▸ **WHAT IS BEING ASKED**
In the records below, find each line with "middle" and copy it.

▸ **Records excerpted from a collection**

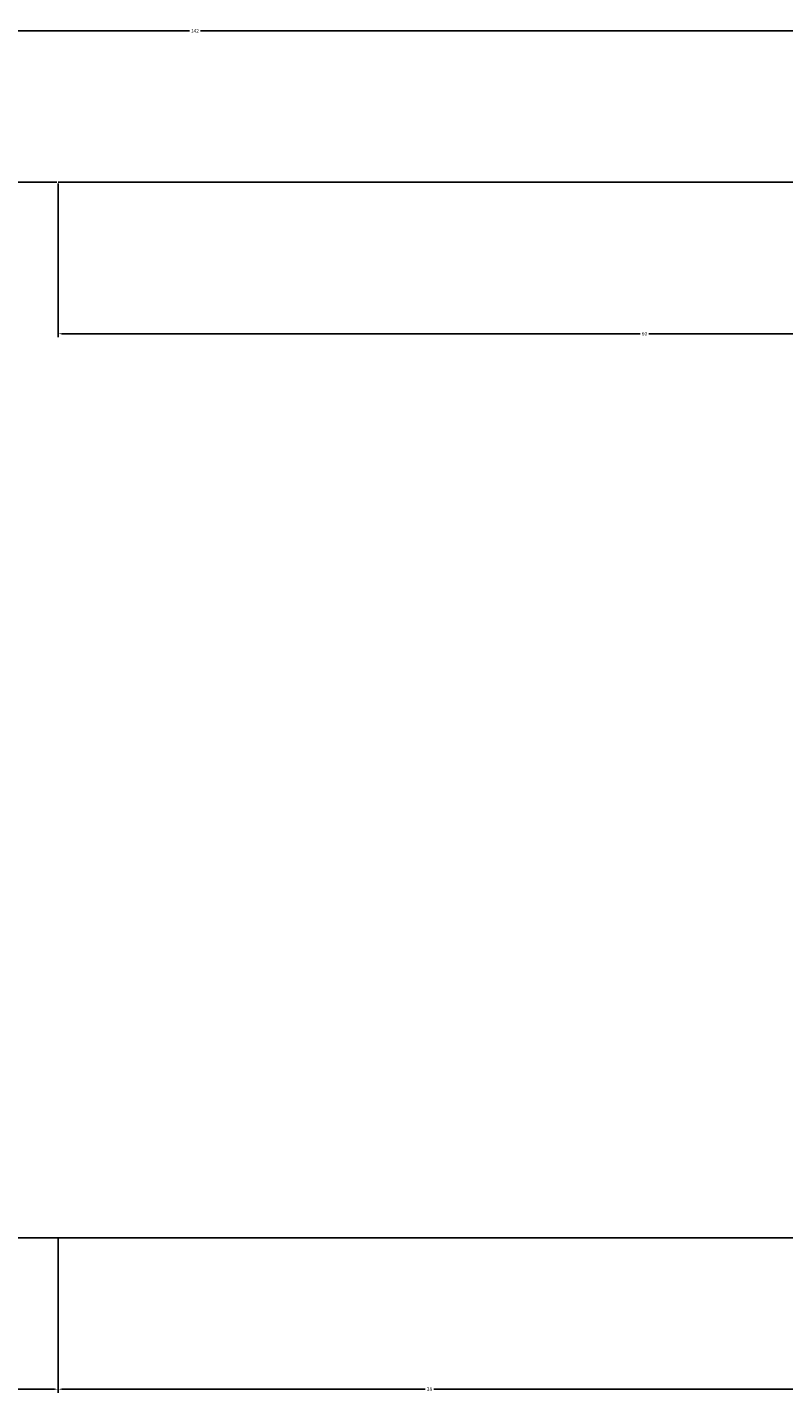
# Model space of a CAD drawing. Units: millimetres. Extents: x 223 to 381, y -8 to 62.
# Tile 2 of 5: x 293 to 332, y -8 to 62. Entities that reach past the tile are written whole.
import ezdxf

# ---------------------------------------------------------------- set-up
doc = ezdxf.new("R2010")
doc.units = ezdxf.units.MM
doc.layers.add('M-CONS', color=8, linetype='Continuous', lineweight=13)
doc.layers.add('M-DIMS', color=2, linetype='Continuous', lineweight=18)
doc.styles.get("Standard").update_dxf_attribs({"font": 'arial.ttf'})
doc.dimstyles.get("Standard").update_dxf_attribs({"dimtxt": 0.18, "dimasz": 0.18, "dimexe": 0.18, "dimexo": 0.0625, "dimgap": 0.09, "dimtad": 0, "dimtih": 1, "dimtoh": 1, "dimdec": 4, "dimzin": 0, "dimdsep": 46, "dimtxsty": 'Standard', "dimcen": 0.09, "dimadec": 0, "dimazin": 0, "dimtfac": 1, "dimtdec": 4, "dimtofl": 0, "dimtmove": 0, "dimatfit": 3, "dimfxl": 1, "dimtolj": 1, "dimtzin": 0, "dimarcsym": 0})

# ---------------------------------------------------------------- blocks, each defined once
blk = doc.blocks.new('*D1')
at = {"layer": 'Defpoints', "color": 0, "transparency": 16777216}
for p in [(372.659, 61.75), (372.659, 27), (230.659, 0)]:
    blk.add_point(p, dxfattribs=at)
at = {"layer": 'M-DIMS', "color": 0, "lineweight": -2, "transparency": 16777216}
for p, q in [((230.659, 0.062), (230.659, 61.93)), ((230.839, 61.75), (301.38, 61.75)), ((372.479, 61.75), (301.939, 61.75)), ((372.659, 27.062), (372.659, 61.93))]:
    blk.add_line(p, q, dxfattribs=at)
at = {"layer": 'M-DIMS', "color": 0, "transparency": 16777216}
for points in [[(230.839, 61.78), (230.839, 61.72), (230.659, 61.75)], [(372.479, 61.78), (372.479, 61.72), (372.659, 61.75)]]:
    blk.add_solid(points, dxfattribs=at)
at = {"layer": 'M-DIMS', "color": 0, "transparency": 16777216, "insert": (301.659, 61.75), "char_height": 0.18, "attachment_point": 5}
blk.add_mtext('\\A1;142', dxfattribs=at)
blk = doc.blocks.new('*D5')
at = {"layer": 'Defpoints', "color": 0, "transparency": 16777216}
for p in [(285.376, 0), (294.659, 0), (294.659, -7.75)]:
    blk.add_point(p, dxfattribs=at)
at = {"layer": 'M-DIMS', "color": 0, "lineweight": -2, "transparency": 16777216}
for p, q in [((285.376, -0.062), (285.376, -7.93)), ((294.659, -0.062), (294.659, -7.93)), ((285.556, -7.75), (289.624, -7.75)), ((294.479, -7.75), (290.411, -7.75))]:
    blk.add_line(p, q, dxfattribs=at)
at = {"layer": 'M-DIMS', "color": 0, "transparency": 16777216}
for points in [[(285.556, -7.72), (285.556, -7.78), (285.376, -7.75)], [(294.479, -7.72), (294.479, -7.78), (294.659, -7.75)]]:
    blk.add_solid(points, dxfattribs=at)
at = {"layer": 'M-DIMS', "color": 0, "transparency": 16777216, "insert": (290.018, -7.75), "char_height": 0.18, "attachment_point": 5}
blk.add_mtext('\\A1;9.283', dxfattribs=at)
blk = doc.blocks.new('*D6')
at = {"layer": 'Defpoints', "color": 0, "transparency": 16777216}
for p in [(294.659, 0), (332.659, 0), (332.659, -7.75)]:
    blk.add_point(p, dxfattribs=at)
at = {"layer": 'M-DIMS', "color": 0, "lineweight": -2, "transparency": 16777216}
for p, q in [((294.659, -0.062), (294.659, -7.93)), ((332.659, -0.062), (332.659, -7.93)), ((294.839, -7.75), (313.44, -7.75)), ((332.479, -7.75), (313.878, -7.75))]:
    blk.add_line(p, q, dxfattribs=at)
at = {"layer": 'M-DIMS', "color": 0, "transparency": 16777216}
for points in [[(294.839, -7.72), (294.839, -7.78), (294.659, -7.75)], [(332.479, -7.72), (332.479, -7.78), (332.659, -7.75)]]:
    blk.add_solid(points, dxfattribs=at)
at = {"layer": 'M-DIMS', "color": 0, "transparency": 16777216, "insert": (313.659, -7.75), "char_height": 0.18, "attachment_point": 5}
blk.add_mtext('\\A1;38', dxfattribs=at)
blk = doc.blocks.new('*D7')
at = {"layer": 'Defpoints', "color": 0, "transparency": 16777216}
for p in [(294.659, 54), (354.659, 54), (294.659, 46.25)]:
    blk.add_point(p, dxfattribs=at)
at = {"layer": 'M-DIMS', "color": 0, "lineweight": -2, "transparency": 16777216}
for p, q in [((294.659, 53.938), (294.659, 46.07)), ((354.659, 53.938), (354.659, 46.07)), ((294.839, 46.25), (324.44, 46.25)), ((354.479, 46.25), (324.878, 46.25))]:
    blk.add_line(p, q, dxfattribs=at)
at = {"layer": 'M-DIMS', "color": 0, "transparency": 16777216}
for points in [[(294.839, 46.28), (294.839, 46.22), (294.659, 46.25)], [(354.479, 46.28), (354.479, 46.22), (354.659, 46.25)]]:
    blk.add_solid(points, dxfattribs=at)
at = {"layer": 'M-DIMS', "color": 0, "transparency": 16777216, "insert": (324.659, 46.25), "char_height": 0.18, "attachment_point": 5}
blk.add_mtext('\\A1;60', dxfattribs=at)
blk = doc.blocks.new('*D11')
at = {"layer": 'Defpoints', "color": 0, "transparency": 16777216}
for p in [(222.909, 54), (294.659, 54), (230.659, 0)]:
    blk.add_point(p, dxfattribs=at)
at = {"layer": 'M-DIMS', "color": 0, "lineweight": -2, "transparency": 16777216}
for p, q in [((294.597, 54), (222.729, 54)), ((222.909, 53.82), (222.909, 27.182)), ((222.909, 0.18), (222.909, 26.818)), ((230.597, 0), (222.729, 0))]:
    blk.add_line(p, q, dxfattribs=at)
at = {"layer": 'M-DIMS', "color": 0, "transparency": 16777216}
for points in [[(222.879, 53.82), (222.939, 53.82), (222.909, 54)], [(222.879, 0.18), (222.939, 0.18), (222.909, 0)]]:
    blk.add_solid(points, dxfattribs=at)
at = {"layer": 'M-DIMS', "color": 0, "transparency": 16777216, "insert": (222.909, 27), "char_height": 0.18, "attachment_point": 5}
blk.add_mtext('\\A1;54', dxfattribs=at)

msp = doc.modelspace()

# ---------------------------------------------------------------- linework, layer by layer
at = {"layer": 'M-CONS', "extrusion": (0, -1, 0)}
for p, q in [((260.6592, 0, 97.6363), (332.6592, 0, 97.6363)), ((294.6592, 0, 50.3189), (285.3762, 0, 50.6343)), ((354.6592, 0, 85.6363), (294.6592, 0, 85.6363)), ((294.6592, 0, 85.6363), (294.6592, 0, 50.3189))]:
    msp.add_line(p, q, dxfattribs=at)
at = {"layer": 'M-CONS', "extrusion": (0, -1, 0), "elevation": -54}
msp.add_lwpolyline([(294.6592, 85.6363), (354.6592, 85.6363), (354.6592, 63.6363), (294.6592, 63.6363)], close=True, dxfattribs=at)

# ---------------------------------------------------------------- dimensions: what is measured, and where the dimension line sits
at = {"layer": 'M-DIMS'}
for base, p1, p2, override, picture, middle in [((372.6592, 61.75), (230.6592, 0), (372.6592, 27), {"dimdec": 0, "dimlfac": 1, "dimrnd": 0, "dimzin": 0, "dimdsep": 46, "dimlunit": 2}, '*D1', (301.6592, 61.75)), ((294.6592, -7.75), (285.3762, 0), (294.6592, 0), {"dimdec": 3, "dimlfac": 1, "dimrnd": 0, "dimzin": 0, "dimdsep": 46, "dimlunit": 2}, '*D5', (290.0177, -7.75)), ((332.6592, -7.75), (294.6592, 0), (332.6592, 0), {"dimdec": 0, "dimlfac": 1, "dimrnd": 0, "dimzin": 0, "dimdsep": 46, "dimlunit": 2}, '*D6', (313.6592, -7.75))]:
    dim = msp.add_linear_dim(base=base, p1=p1, p2=p2, dimstyle='Standard', override=override, dxfattribs=at)
    dim.commit()
    dim.dimension.update_dxf_attribs({"geometry": picture, "text_midpoint": middle})
for base, p1, angle, picture, middle in [((222.9092, 54), (230.6592, 0), 90, '*D11', (222.9092, 27)), ((294.6592, 46.25), (354.6592, 54), 180, '*D7', (324.6592, 46.25))]:
    dim = msp.add_linear_dim(base=base, p1=p1, p2=(294.6592, 54), angle=angle, dimstyle='Standard', override={"dimdec": 0, "dimlfac": 1, "dimrnd": 0, "dimzin": 0, "dimdsep": 46, "dimlunit": 2}, dxfattribs=at)
    dim.commit()
    dim.dimension.update_dxf_attribs({"geometry": picture, "text_midpoint": middle})

doc.saveas('drawing.dxf')

▸ **TASK RESPONSE**
for base, p1, p2, override, picture, middle in [((372.6592, 61.75), (230.6592, 0), (372.6592, 27), {"dimdec": 0, "dimlfac": 1, "dimrnd": 0, "dimzin": 0, "dimdsep": 46, "dimlunit": 2}, '*D1', (301.6592, 61.75)), ((294.6592, -7.75), (285.3762, 0), (294.6592, 0), {"dimdec": 3, "dimlfac": 1, "dimrnd": 0, "dimzin": 0, "dimdsep": 46, "dimlunit": 2}, '*D5', (290.0177, -7.75)), ((332.6592, -7.75), (294.6592, 0), (332.6592, 0), {"dimdec": 0, "dimlfac": 1, "dimrnd": 0, "dimzin": 0, "dimdsep": 46, "dimlunit": 2}, '*D6', (313.6592, -7.75))]:
    dim.dimension.update_dxf_attribs({"geometry": picture, "text_midpoint": middle})
for base, p1, angle, picture, middle in [((222.9092, 54), (230.6592, 0), 90, '*D11', (222.9092, 27)), ((294.6592, 46.25), (354.6592, 54), 180, '*D7', (324.6592, 46.25))]:
    dim.dimension.update_dxf_attribs({"geometry": picture, "text_midpoint": middle})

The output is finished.